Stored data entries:
--------------------------------

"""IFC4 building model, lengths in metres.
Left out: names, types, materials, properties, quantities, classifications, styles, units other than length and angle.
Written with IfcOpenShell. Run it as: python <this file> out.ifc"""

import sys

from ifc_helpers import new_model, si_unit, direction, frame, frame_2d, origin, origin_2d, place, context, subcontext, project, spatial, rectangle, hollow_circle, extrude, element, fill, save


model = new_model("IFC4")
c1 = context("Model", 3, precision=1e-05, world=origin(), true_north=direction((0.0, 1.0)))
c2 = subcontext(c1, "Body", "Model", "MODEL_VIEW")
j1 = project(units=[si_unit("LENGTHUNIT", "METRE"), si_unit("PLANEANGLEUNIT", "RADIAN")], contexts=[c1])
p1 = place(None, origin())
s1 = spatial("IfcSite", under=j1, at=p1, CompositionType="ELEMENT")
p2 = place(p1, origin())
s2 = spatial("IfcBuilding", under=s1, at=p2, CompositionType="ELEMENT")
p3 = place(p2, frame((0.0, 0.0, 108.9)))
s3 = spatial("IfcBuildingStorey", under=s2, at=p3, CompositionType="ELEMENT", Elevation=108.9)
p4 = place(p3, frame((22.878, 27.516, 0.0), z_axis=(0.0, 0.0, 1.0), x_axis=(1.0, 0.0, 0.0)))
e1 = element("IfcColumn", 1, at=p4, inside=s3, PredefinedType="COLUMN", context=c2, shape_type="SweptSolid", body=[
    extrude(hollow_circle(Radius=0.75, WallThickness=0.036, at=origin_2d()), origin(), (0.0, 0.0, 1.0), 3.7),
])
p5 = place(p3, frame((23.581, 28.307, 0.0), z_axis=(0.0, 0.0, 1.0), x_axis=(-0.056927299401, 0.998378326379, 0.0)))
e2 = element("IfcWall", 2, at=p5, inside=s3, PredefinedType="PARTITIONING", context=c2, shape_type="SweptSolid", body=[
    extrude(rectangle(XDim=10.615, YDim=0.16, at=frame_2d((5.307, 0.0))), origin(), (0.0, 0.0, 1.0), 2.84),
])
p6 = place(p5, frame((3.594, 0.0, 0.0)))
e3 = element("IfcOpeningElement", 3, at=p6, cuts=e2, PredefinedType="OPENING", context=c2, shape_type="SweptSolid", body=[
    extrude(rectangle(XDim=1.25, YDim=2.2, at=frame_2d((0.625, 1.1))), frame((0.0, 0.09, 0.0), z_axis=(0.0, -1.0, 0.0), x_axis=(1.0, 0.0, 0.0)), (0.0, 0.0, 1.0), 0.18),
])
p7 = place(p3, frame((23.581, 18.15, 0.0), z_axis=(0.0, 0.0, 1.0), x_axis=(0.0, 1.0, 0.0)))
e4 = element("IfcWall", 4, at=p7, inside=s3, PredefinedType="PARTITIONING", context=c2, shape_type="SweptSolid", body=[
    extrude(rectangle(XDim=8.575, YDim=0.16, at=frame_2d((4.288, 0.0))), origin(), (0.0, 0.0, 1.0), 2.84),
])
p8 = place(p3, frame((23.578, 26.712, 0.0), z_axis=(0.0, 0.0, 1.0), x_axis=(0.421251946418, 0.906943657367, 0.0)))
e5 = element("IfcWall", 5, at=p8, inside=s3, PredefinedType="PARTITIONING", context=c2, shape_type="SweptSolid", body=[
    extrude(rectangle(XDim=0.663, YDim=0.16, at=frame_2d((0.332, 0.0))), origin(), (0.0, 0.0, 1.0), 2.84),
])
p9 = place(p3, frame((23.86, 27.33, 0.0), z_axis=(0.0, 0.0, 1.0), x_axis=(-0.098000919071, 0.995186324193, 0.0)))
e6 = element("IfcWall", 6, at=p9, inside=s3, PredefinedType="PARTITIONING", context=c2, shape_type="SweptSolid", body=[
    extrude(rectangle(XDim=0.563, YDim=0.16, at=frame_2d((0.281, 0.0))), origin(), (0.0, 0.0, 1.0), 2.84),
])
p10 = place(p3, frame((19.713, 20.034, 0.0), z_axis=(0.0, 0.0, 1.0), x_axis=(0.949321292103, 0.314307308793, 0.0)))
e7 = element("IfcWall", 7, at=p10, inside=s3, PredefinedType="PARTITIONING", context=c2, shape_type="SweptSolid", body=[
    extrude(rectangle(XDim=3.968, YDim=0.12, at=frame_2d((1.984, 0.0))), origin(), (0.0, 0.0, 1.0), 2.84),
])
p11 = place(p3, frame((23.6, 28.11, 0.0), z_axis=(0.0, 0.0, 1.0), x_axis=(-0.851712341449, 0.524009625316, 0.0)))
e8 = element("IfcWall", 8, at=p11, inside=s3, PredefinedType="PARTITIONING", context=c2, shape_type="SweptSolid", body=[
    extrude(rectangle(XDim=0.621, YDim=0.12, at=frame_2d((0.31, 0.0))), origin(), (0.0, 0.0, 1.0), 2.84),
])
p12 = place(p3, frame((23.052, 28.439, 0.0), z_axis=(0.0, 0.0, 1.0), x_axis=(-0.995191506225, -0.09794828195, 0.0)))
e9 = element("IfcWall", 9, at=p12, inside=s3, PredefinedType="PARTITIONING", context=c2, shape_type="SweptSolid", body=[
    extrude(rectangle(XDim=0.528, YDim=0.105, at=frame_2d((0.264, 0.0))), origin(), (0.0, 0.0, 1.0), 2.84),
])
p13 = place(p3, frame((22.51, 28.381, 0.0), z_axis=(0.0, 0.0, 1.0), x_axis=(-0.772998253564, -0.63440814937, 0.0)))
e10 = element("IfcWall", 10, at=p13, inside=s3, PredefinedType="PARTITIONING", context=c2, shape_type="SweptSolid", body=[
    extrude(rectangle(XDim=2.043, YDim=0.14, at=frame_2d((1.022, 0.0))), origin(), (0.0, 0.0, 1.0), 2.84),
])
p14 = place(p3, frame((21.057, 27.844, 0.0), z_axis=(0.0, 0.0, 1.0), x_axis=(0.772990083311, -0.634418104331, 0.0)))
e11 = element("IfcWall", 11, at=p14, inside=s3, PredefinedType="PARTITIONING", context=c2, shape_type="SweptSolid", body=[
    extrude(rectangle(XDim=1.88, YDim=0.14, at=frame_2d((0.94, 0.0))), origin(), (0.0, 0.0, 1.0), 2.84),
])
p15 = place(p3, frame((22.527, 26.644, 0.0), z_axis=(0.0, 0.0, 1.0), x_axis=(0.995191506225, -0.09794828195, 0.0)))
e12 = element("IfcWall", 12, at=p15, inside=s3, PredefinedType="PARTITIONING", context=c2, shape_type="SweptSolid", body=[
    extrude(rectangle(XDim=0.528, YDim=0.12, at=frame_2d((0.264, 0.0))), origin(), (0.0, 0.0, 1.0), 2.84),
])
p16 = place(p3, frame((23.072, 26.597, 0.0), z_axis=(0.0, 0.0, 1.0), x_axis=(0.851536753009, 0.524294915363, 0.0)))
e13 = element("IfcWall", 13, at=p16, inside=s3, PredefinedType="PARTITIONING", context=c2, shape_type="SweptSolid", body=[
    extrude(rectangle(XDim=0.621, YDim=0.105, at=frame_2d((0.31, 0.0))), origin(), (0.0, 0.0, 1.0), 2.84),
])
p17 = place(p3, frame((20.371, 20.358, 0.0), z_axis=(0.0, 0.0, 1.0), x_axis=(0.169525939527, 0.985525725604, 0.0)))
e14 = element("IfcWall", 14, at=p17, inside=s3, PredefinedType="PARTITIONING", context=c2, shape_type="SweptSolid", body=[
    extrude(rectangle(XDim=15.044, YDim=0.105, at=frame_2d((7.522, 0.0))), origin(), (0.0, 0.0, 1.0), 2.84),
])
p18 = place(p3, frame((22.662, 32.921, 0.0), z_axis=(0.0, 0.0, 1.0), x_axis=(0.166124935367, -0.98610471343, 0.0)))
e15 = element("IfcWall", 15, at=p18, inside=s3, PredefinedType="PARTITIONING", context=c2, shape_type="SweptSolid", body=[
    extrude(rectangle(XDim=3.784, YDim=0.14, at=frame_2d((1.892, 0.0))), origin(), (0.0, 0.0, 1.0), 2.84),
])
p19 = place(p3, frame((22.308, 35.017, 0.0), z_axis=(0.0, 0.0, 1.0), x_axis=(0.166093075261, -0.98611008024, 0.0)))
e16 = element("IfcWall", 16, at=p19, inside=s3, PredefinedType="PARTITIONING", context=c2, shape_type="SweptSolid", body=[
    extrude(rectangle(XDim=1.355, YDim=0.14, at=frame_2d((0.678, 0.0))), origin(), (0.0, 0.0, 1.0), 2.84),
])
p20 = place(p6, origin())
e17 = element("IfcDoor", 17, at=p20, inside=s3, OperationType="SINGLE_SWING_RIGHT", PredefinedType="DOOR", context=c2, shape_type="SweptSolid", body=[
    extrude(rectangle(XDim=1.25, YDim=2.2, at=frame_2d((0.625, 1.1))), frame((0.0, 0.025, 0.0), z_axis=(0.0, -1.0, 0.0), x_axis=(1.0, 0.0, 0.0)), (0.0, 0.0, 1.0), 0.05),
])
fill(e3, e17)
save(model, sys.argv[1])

--------------------------------

▶ _WORK INSTRUCTION_
Where the string "direction" occurs in the data, return the whole line.

▶ _EXERCISE SOLUTION_
from ifc_helpers import new_model, si_unit, direction, frame, frame_2d, origin, origin_2d, place, context, subcontext, project, spatial, rectangle, hollow_circle, extrude, element, fill, save
c1 = context("Model", 3, precision=1e-05, world=origin(), true_north=direction((0.0, 1.0)))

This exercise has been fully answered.